------ INFORMATION

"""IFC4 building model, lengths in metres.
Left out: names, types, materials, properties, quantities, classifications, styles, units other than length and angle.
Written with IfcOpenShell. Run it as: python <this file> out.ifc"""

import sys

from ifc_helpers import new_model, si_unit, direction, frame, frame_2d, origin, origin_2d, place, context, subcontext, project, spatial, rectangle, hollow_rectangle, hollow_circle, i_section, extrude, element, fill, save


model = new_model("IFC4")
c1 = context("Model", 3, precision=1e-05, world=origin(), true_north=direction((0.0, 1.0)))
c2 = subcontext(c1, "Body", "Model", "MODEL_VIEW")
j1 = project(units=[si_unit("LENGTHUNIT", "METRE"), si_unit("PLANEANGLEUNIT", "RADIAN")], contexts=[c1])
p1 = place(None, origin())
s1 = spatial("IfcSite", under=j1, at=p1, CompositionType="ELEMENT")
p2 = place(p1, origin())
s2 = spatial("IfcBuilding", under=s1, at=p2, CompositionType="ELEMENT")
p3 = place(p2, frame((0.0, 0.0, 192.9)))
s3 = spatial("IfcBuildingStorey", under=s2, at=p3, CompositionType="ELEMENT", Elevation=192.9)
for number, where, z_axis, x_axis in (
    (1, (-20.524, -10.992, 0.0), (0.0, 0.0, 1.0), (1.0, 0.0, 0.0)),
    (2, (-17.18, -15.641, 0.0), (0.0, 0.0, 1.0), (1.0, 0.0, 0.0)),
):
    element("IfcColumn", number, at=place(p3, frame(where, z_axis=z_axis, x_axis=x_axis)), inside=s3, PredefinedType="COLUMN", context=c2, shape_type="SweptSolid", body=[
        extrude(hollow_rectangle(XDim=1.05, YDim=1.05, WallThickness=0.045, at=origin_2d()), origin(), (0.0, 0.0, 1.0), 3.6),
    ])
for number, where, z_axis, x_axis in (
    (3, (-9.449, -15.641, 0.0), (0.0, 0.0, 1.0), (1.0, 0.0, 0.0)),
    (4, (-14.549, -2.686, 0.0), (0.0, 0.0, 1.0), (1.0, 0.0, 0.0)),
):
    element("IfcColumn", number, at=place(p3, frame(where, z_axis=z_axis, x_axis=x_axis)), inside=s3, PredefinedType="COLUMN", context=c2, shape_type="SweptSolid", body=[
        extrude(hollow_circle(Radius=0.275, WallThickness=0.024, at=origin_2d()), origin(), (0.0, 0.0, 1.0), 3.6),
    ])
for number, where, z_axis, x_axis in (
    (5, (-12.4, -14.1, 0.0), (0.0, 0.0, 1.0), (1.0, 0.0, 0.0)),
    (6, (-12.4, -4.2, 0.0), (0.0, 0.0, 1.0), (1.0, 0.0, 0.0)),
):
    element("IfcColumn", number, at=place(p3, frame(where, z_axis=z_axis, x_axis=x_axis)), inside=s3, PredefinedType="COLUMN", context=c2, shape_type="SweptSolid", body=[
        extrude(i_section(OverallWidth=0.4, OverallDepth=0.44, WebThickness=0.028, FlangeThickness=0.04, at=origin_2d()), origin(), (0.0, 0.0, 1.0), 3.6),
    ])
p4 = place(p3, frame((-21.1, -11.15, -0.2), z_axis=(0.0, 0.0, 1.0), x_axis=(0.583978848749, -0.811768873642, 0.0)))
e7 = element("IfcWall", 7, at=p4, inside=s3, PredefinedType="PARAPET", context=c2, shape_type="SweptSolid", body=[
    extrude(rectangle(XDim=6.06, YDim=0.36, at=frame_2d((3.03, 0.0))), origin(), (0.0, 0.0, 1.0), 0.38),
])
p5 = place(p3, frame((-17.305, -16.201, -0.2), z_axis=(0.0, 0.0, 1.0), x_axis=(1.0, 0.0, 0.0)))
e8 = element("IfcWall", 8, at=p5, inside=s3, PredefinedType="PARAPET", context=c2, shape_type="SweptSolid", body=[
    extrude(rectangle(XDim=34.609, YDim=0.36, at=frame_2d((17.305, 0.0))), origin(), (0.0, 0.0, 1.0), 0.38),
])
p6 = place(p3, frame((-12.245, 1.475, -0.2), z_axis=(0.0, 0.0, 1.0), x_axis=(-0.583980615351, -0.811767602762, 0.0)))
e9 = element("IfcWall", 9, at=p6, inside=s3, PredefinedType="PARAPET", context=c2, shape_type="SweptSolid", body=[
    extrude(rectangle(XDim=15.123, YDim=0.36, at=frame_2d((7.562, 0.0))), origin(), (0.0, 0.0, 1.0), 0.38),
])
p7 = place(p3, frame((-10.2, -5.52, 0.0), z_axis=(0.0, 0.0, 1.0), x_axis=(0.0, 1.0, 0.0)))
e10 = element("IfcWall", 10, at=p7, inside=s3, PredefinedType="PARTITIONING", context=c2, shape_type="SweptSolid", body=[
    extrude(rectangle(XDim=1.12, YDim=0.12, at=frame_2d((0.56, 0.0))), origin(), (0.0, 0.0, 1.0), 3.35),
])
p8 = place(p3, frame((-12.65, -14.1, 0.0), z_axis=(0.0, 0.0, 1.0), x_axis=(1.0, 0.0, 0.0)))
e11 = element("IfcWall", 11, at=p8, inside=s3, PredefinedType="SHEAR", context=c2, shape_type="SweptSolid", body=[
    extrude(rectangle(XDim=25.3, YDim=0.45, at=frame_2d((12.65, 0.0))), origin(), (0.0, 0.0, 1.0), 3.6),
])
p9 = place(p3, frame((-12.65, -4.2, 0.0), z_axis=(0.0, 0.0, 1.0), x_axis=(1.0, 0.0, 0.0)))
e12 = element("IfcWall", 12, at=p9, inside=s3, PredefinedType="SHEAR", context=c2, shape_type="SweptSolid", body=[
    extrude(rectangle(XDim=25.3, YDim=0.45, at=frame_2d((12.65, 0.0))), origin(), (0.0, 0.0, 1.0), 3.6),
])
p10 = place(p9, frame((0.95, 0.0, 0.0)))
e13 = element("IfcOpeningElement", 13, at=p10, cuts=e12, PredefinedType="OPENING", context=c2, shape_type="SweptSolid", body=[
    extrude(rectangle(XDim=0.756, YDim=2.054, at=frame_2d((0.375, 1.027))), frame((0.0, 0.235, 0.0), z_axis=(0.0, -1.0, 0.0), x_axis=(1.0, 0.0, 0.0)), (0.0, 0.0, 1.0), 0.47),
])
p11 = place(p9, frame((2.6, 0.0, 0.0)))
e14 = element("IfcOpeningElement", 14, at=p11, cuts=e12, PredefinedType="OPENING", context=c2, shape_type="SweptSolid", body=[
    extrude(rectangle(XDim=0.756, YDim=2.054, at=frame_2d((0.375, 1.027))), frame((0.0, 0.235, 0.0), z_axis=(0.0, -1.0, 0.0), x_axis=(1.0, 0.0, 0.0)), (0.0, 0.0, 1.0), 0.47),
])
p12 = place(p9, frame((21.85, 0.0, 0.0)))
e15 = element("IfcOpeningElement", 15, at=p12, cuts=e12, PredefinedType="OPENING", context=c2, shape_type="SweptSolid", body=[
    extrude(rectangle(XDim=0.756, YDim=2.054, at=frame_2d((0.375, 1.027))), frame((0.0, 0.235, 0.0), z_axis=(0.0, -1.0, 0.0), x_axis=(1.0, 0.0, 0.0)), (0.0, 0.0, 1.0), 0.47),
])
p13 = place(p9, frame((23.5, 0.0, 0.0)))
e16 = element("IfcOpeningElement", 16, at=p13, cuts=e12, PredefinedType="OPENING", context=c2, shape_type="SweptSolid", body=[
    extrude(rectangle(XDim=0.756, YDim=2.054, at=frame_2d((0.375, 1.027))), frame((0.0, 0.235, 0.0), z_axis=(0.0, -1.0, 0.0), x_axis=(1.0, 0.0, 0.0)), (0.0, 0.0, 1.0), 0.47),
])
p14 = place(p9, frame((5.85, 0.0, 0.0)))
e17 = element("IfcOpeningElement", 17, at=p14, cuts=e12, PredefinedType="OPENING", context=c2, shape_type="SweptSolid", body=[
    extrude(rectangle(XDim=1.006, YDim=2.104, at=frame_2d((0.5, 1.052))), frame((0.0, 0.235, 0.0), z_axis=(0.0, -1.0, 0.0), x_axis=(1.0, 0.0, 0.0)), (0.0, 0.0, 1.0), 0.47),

------------

Using the records above, filter out every line that lacks the string "IfcWall" and copy the rest.

e7 = element("IfcWall", 7, at=p4, inside=s3, PredefinedType="PARAPET", context=c2, shape_type="SweptSolid", body=[
e8 = element("IfcWall", 8, at=p5, inside=s3, PredefinedType="PARAPET", context=c2, shape_type="SweptSolid", body=[
e9 = element("IfcWall", 9, at=p6, inside=s3, PredefinedType="PARAPET", context=c2, shape_type="SweptSolid", body=[
e10 = element("IfcWall", 10, at=p7, inside=s3, PredefinedType="PARTITIONING", context=c2, shape_type="SweptSolid", body=[
e11 = element("IfcWall", 11, at=p8, inside=s3, PredefinedType="SHEAR", context=c2, shape_type="SweptSolid", body=[
e12 = element("IfcWall", 12, at=p9, inside=s3, PredefinedType="SHEAR", context=c2, shape_type="SweptSolid", body=[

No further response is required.